» What to work on
Each line of the entries that contains the word "ezdxf" adds one. Reply with the resulting number only.

(Source data)
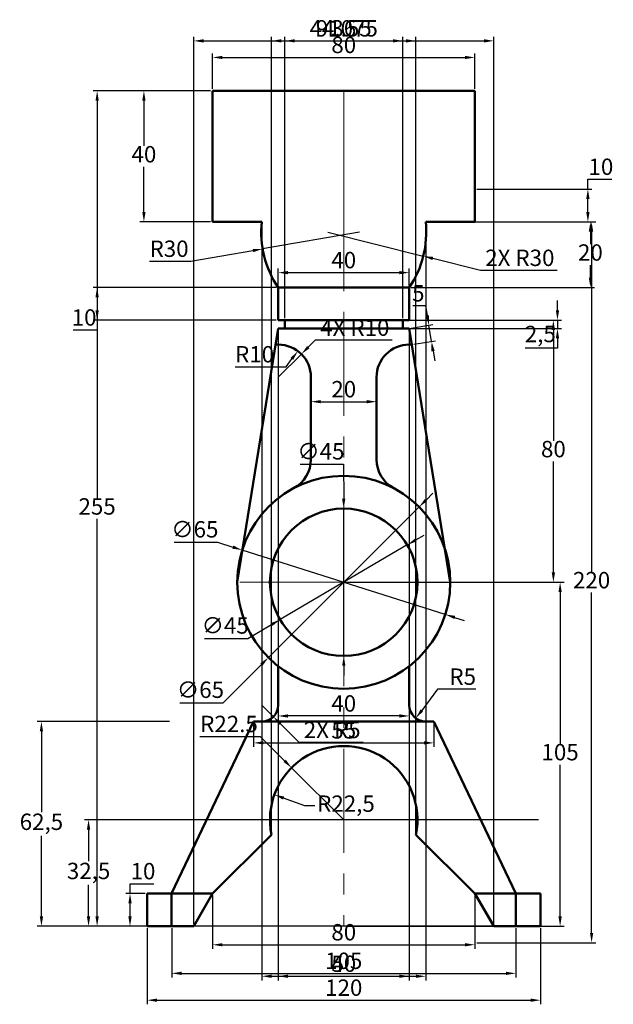
# Model space of a CAD drawing. Units: millimetres. Extents: x 61 to 242, y -47 to 253.
import ezdxf

# ---------------------------------------------------------------- set-up
doc = ezdxf.new("R2010")
doc.units = ezdxf.units.MM
doc.linetypes.add('CENTER', pattern=[50.8, 31.75, -6.35, 6.35, -6.35])
for name, color, linetype, lineweight in [('M-CNTR', 1, 'CENTER', 18), ('M-DIMS', 2, 'Continuous', 25), ('M-OUTL', 7, 'Continuous', 50)]:
    doc.layers.add(name, color=color, linetype=linetype, lineweight=lineweight)
doc.styles.get("Standard").update_dxf_attribs({"font": 'arial.ttf'})
doc.dimstyles.new('ISO-25', dxfattribs={"dimtxt": 5, "dimasz": 3, "dimexe": 1.25, "dimexo": 0.625, "dimtad": 1, "dimtih": 1, "dimtoh": 1, "dimtxsty": 'Standard', "dimcen": 2.5, "dimadec": 0, "dimazin": 0, "dimtfac": 1, "dimtmove": 0, "dimatfit": 3, "dimfxl": 1, "dimarcsym": 0})

# ---------------------------------------------------------------- blocks, each defined once
blk = doc.blocks.new('*D1')
at = {"layer": 'Defpoints', "color": 0, "transparency": 16777216}
for p in [(120.12, 231.51), (99.15, 191.51), (120.12, 191.51)]:
    blk.add_point(p, dxfattribs=at)
at = {"layer": 'M-DIMS', "color": 0, "lineweight": -2, "transparency": 16777216}
for p, q in [((119.49, 231.51), (97.9, 231.51)), ((99.15, 228.51), (99.15, 214.69)), ((99.15, 194.51), (99.15, 208.34)), ((119.49, 191.51), (97.9, 191.51))]:
    blk.add_line(p, q, dxfattribs=at)
at = {"layer": 'M-DIMS', "color": 0, "transparency": 16777216}
for points in [[(98.65, 228.51), (99.65, 228.51), (99.15, 231.51)], [(98.65, 194.51), (99.65, 194.51), (99.15, 191.51)]]:
    blk.add_solid(points, dxfattribs=at)
at = {"layer": 'M-DIMS', "color": 0, "transparency": 16777216, "insert": (99.15, 211.51), "char_height": 5, "attachment_point": 5}
blk.add_mtext('40', dxfattribs=at)
blk = doc.blocks.new('*D2')
at = {"layer": 'Defpoints', "color": 0, "transparency": 16777216}
for p in [(200.12, 241.7), (120.12, 231.51), (200.12, 231.51)]:
    blk.add_point(p, dxfattribs=at)
at = {"layer": 'M-DIMS', "color": 0, "lineweight": -2, "transparency": 16777216}
for p, q in [((120.12, 232.14), (120.12, 242.95)), ((123.12, 241.7), (197.12, 241.7)), ((200.12, 232.14), (200.12, 242.95))]:
    blk.add_line(p, q, dxfattribs=at)
at = {"layer": 'M-DIMS', "color": 0, "transparency": 16777216}
for points in [[(123.12, 242.2), (123.12, 241.2), (120.12, 241.7)], [(197.12, 242.2), (197.12, 241.2), (200.12, 241.7)]]:
    blk.add_solid(points, dxfattribs=at)
at = {"layer": 'M-DIMS', "color": 0, "transparency": 16777216, "insert": (160.12, 244.88), "char_height": 5, "attachment_point": 5}
blk.add_mtext('80', dxfattribs=at)
blk = doc.blocks.new('*D3')
at = {"layer": 'Defpoints', "color": 0, "transparency": 16777216}
for p in [(200.12, 201.51), (234.61, 201.51), (200.12, 191.51)]:
    blk.add_point(p, dxfattribs=at)
at = {"layer": 'M-DIMS', "color": 0, "lineweight": -2, "transparency": 16777216}
for p, q in [((234.61, 201.51), (234.61, 204.51)), ((234.61, 204.51), (241.91, 204.51)), ((200.74, 201.51), (235.86, 201.51)), ((234.61, 194.51), (234.61, 198.51)), ((200.74, 191.51), (235.86, 191.51))]:
    blk.add_line(p, q, dxfattribs=at)
at = {"layer": 'M-DIMS', "color": 0, "transparency": 16777216}
for points in [[(234.11, 198.51), (235.11, 198.51), (234.61, 201.51)], [(234.11, 194.51), (235.11, 194.51), (234.61, 191.51)]]:
    blk.add_solid(points, dxfattribs=at)
at = {"layer": 'M-DIMS', "color": 0, "transparency": 16777216, "insert": (238.58, 207.69), "char_height": 5, "attachment_point": 5}
blk.add_mtext('10', dxfattribs=at)
blk = doc.blocks.new('*D4')
at = {"layer": 'Defpoints', "color": 0, "transparency": 16777216}
for p in [(180.12, 176.02), (140.12, 171.51), (180.12, 171.51)]:
    blk.add_point(p, dxfattribs=at)
at = {"layer": 'M-DIMS', "color": 0, "lineweight": -2, "transparency": 16777216}
for p, q in [((140.12, 172.14), (140.12, 177.27)), ((143.12, 176.02), (177.12, 176.02)), ((180.12, 172.14), (180.12, 177.27))]:
    blk.add_line(p, q, dxfattribs=at)
at = {"layer": 'M-DIMS', "color": 0, "transparency": 16777216}
for points in [[(143.12, 176.52), (143.12, 175.52), (140.12, 176.02)], [(177.12, 176.52), (177.12, 175.52), (180.12, 176.02)]]:
    blk.add_solid(points, dxfattribs=at)
at = {"layer": 'M-DIMS', "color": 0, "transparency": 16777216, "insert": (160.12, 179.2), "char_height": 5, "attachment_point": 5}
blk.add_mtext('40', dxfattribs=at)
blk = doc.blocks.new('*D5')
at = {"layer": 'Defpoints', "color": 0, "transparency": 16777216}
for p in [(164.95, 188.35), (135.38, 183.27)]:
    blk.add_point(p, dxfattribs=at)
at = {"layer": 'M-DIMS', "color": 0, "lineweight": -2, "transparency": 16777216}
for p, q in [((164.95, 188.35), (135.38, 183.27)), ((113.42, 179.49), (132.42, 182.76)), ((100.86, 179.49), (113.42, 179.49))]:
    blk.add_line(p, q, dxfattribs=at)
at = {"layer": 'M-DIMS', "color": 0, "transparency": 16777216}
blk.add_solid([(132.34, 183.25), (132.51, 182.26), (135.38, 183.27)], dxfattribs=at)
at = {"layer": 'M-DIMS', "color": 0, "transparency": 16777216, "insert": (106.83, 182.67), "char_height": 5, "attachment_point": 5}
blk.add_mtext('R30', dxfattribs=at)
blk = doc.blocks.new('*D6')
at = {"layer": 'Defpoints', "color": 0, "transparency": 16777216}
for p in [(150.12, 144.08), (170.12, 144.08), (170.12, 136.63)]:
    blk.add_point(p, dxfattribs=at)
at = {"layer": 'M-DIMS', "color": 0, "lineweight": -2, "transparency": 16777216}
for p, q in [((150.12, 143.45), (150.12, 135.38)), ((170.12, 143.45), (170.12, 135.38)), ((153.12, 136.63), (167.12, 136.63))]:
    blk.add_line(p, q, dxfattribs=at)
at = {"layer": 'M-DIMS', "color": 0, "transparency": 16777216}
for points in [[(153.12, 137.13), (153.12, 136.13), (150.12, 136.63)], [(167.12, 137.13), (167.12, 136.13), (170.12, 136.63)]]:
    blk.add_solid(points, dxfattribs=at)
at = {"layer": 'M-DIMS', "color": 0, "transparency": 16777216, "insert": (160.12, 139.8), "char_height": 5, "attachment_point": 5}
blk.add_mtext('20', dxfattribs=at)
blk = doc.blocks.new('*D7')
at = {"layer": 'Defpoints', "color": 0, "transparency": 16777216}
for p in [(146.1, 152.09), (140.12, 144.08)]:
    blk.add_point(p, dxfattribs=at)
at = {"layer": 'M-DIMS', "color": 0, "lineweight": -2, "transparency": 16777216}
for p, q in [((126.96, 147.28), (142.51, 147.28)), ((142.51, 147.28), (144.31, 149.68))]:
    blk.add_line(p, q, dxfattribs=at)
at = {"layer": 'M-DIMS', "color": 0, "transparency": 16777216}
blk.add_solid([(143.91, 149.98), (144.71, 149.38), (146.1, 152.09)], dxfattribs=at)
at = {"layer": 'M-DIMS', "color": 0, "transparency": 16777216, "insert": (132.92, 150.46), "char_height": 5, "attachment_point": 5}
blk.add_mtext('R10', dxfattribs=at)
blk = doc.blocks.new('*D8')
at = {"layer": 'Defpoints', "color": 0, "transparency": 16777216}
for p in [(129.14, 91.34), (191.1, 71.69)]:
    blk.add_point(p, dxfattribs=at)
at = {"layer": 'M-DIMS', "color": 0, "lineweight": -2, "transparency": 16777216}
for p, q in [((108.37, 93.71), (121.64, 93.71)), ((121.64, 93.71), (126.28, 92.24)), ((191.1, 71.69), (129.14, 91.34)), ((193.96, 70.78), (196.81, 69.88))]:
    blk.add_line(p, q, dxfattribs=at)
at = {"layer": 'M-DIMS', "color": 0, "transparency": 16777216}
for points in [[(126.43, 92.72), (126.12, 91.77), (129.14, 91.34)], [(194.11, 71.26), (193.8, 70.31), (191.1, 71.69)]]:
    blk.add_solid(points, dxfattribs=at)
at = {"layer": 'M-DIMS', "color": 0, "transparency": 16777216, "insert": (114.69, 97.03), "char_height": 5, "attachment_point": 5}
blk.add_mtext('∅65', dxfattribs=at)
blk = doc.blocks.new('*D9')
at = {"layer": 'Defpoints', "color": 0, "transparency": 16777216}
for p in [(179.52, 92.9), (140.71, 70.13)]:
    blk.add_point(p, dxfattribs=at)
at = {"layer": 'M-DIMS', "color": 0, "lineweight": -2, "transparency": 16777216}
for p, q in [((182.11, 94.42), (184.7, 95.93)), ((179.52, 92.9), (140.71, 70.13)), ((130.89, 64.37), (138.12, 68.61)), ((117.62, 64.37), (130.89, 64.37))]:
    blk.add_line(p, q, dxfattribs=at)
at = {"layer": 'M-DIMS', "color": 0, "transparency": 16777216}
for points in [[(181.86, 94.85), (182.36, 93.99), (179.52, 92.9)], [(137.87, 69.04), (138.37, 68.18), (140.71, 70.13)]]:
    blk.add_solid(points, dxfattribs=at)
at = {"layer": 'M-DIMS', "color": 0, "transparency": 16777216, "insert": (123.94, 67.68), "char_height": 5, "attachment_point": 5}
blk.add_mtext('∅45', dxfattribs=at)
blk = doc.blocks.new('*D10')
at = {"layer": 'Defpoints', "color": 0, "transparency": 16777216}
for p in [(138.96, 16.66), (160.12, 9.01)]:
    blk.add_point(p, dxfattribs=at)
at = {"layer": 'M-DIMS', "color": 0, "lineweight": -2, "transparency": 16777216}
for p, q in [((148.27, 13.3), (141.78, 15.64)), ((151.27, 13.3), (148.27, 13.3))]:
    blk.add_line(p, q, dxfattribs=at)
at = {"layer": 'M-DIMS', "color": 0, "transparency": 16777216}
blk.add_solid([(141.95, 16.11), (141.61, 15.17), (138.96, 16.66)], dxfattribs=at)
at = {"layer": 'M-DIMS', "color": 0, "transparency": 16777216, "insert": (160.8, 13.3), "char_height": 5, "attachment_point": 5}
blk.add_mtext('R22,5', dxfattribs=at)
blk = doc.blocks.new('*D11')
at = {"layer": 'Defpoints', "color": 0, "transparency": 16777216}
for p in [(185.12, 44.01), (182.13, 40)]:
    blk.add_point(p, dxfattribs=at)
at = {"layer": 'M-DIMS', "color": 0, "lineweight": -2, "transparency": 16777216}
for p, q in [((188.75, 48.9), (183.92, 42.41)), ((200.47, 48.9), (188.75, 48.9))]:
    blk.add_line(p, q, dxfattribs=at)
at = {"layer": 'M-DIMS', "color": 0, "transparency": 16777216}
blk.add_solid([(183.52, 42.71), (184.32, 42.11), (182.13, 40)], dxfattribs=at)
at = {"layer": 'M-DIMS', "color": 0, "transparency": 16777216, "insert": (196.42, 52.06), "char_height": 5, "attachment_point": 5}
blk.add_mtext('R5', dxfattribs=at)
blk = doc.blocks.new('*D12')
at = {"layer": 'Defpoints', "color": 0, "transparency": 16777216}
for p in [(132.62, 39.01), (187.62, 39.01), (187.62, 32.49)]:
    blk.add_point(p, dxfattribs=at)
at = {"layer": 'M-DIMS', "color": 0, "lineweight": -2, "transparency": 16777216}
for p, q in [((132.62, 38.39), (132.62, 31.24)), ((187.62, 38.39), (187.62, 31.24)), ((135.62, 32.49), (184.62, 32.49))]:
    blk.add_line(p, q, dxfattribs=at)
at = {"layer": 'M-DIMS', "color": 0, "transparency": 16777216}
for points in [[(135.62, 32.99), (135.62, 31.99), (132.62, 32.49)], [(184.62, 32.99), (184.62, 31.99), (187.62, 32.49)]]:
    blk.add_solid(points, dxfattribs=at)
at = {"layer": 'M-DIMS', "color": 0, "transparency": 16777216, "insert": (160.12, 35.66), "char_height": 5, "attachment_point": 5}
blk.add_mtext('55', dxfattribs=at)
blk = doc.blocks.new('*D13')
at = {"layer": 'Defpoints', "color": 0, "transparency": 16777216}
for p in [(140.12, 44.01), (180.12, 44.01), (140.12, 40.71)]:
    blk.add_point(p, dxfattribs=at)
at = {"layer": 'M-DIMS', "color": 0, "lineweight": -2, "transparency": 16777216}
for p, q in [((140.12, 43.39), (140.12, 39.46)), ((180.12, 43.39), (180.12, 39.46)), ((177.12, 40.71), (143.12, 40.71))]:
    blk.add_line(p, q, dxfattribs=at)
at = {"layer": 'M-DIMS', "color": 0, "transparency": 16777216}
for points in [[(143.12, 41.21), (143.12, 40.21), (140.12, 40.71)], [(177.12, 41.21), (177.12, 40.21), (180.12, 40.71)]]:
    blk.add_solid(points, dxfattribs=at)
at = {"layer": 'M-DIMS', "color": 0, "transparency": 16777216, "insert": (160.12, 43.88), "char_height": 5, "attachment_point": 5}
blk.add_mtext('40', dxfattribs=at)
blk = doc.blocks.new('*D14')
at = {"layer": 'Defpoints', "color": 0, "transparency": 16777216}
for p in [(160.12, 161.51), (224.08, 161.51), (160.12, 81.51)]:
    blk.add_point(p, dxfattribs=at)
at = {"layer": 'M-DIMS', "color": 0, "lineweight": -2, "transparency": 16777216}
for p, q in [((160.74, 161.51), (225.33, 161.51)), ((224.08, 158.51), (224.08, 124.69)), ((224.08, 84.51), (224.08, 118.34)), ((160.74, 81.51), (225.33, 81.51))]:
    blk.add_line(p, q, dxfattribs=at)
at = {"layer": 'M-DIMS', "color": 0, "transparency": 16777216}
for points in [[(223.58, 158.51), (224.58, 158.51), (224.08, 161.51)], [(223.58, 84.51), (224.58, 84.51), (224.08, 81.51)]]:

» Output for this exercise
3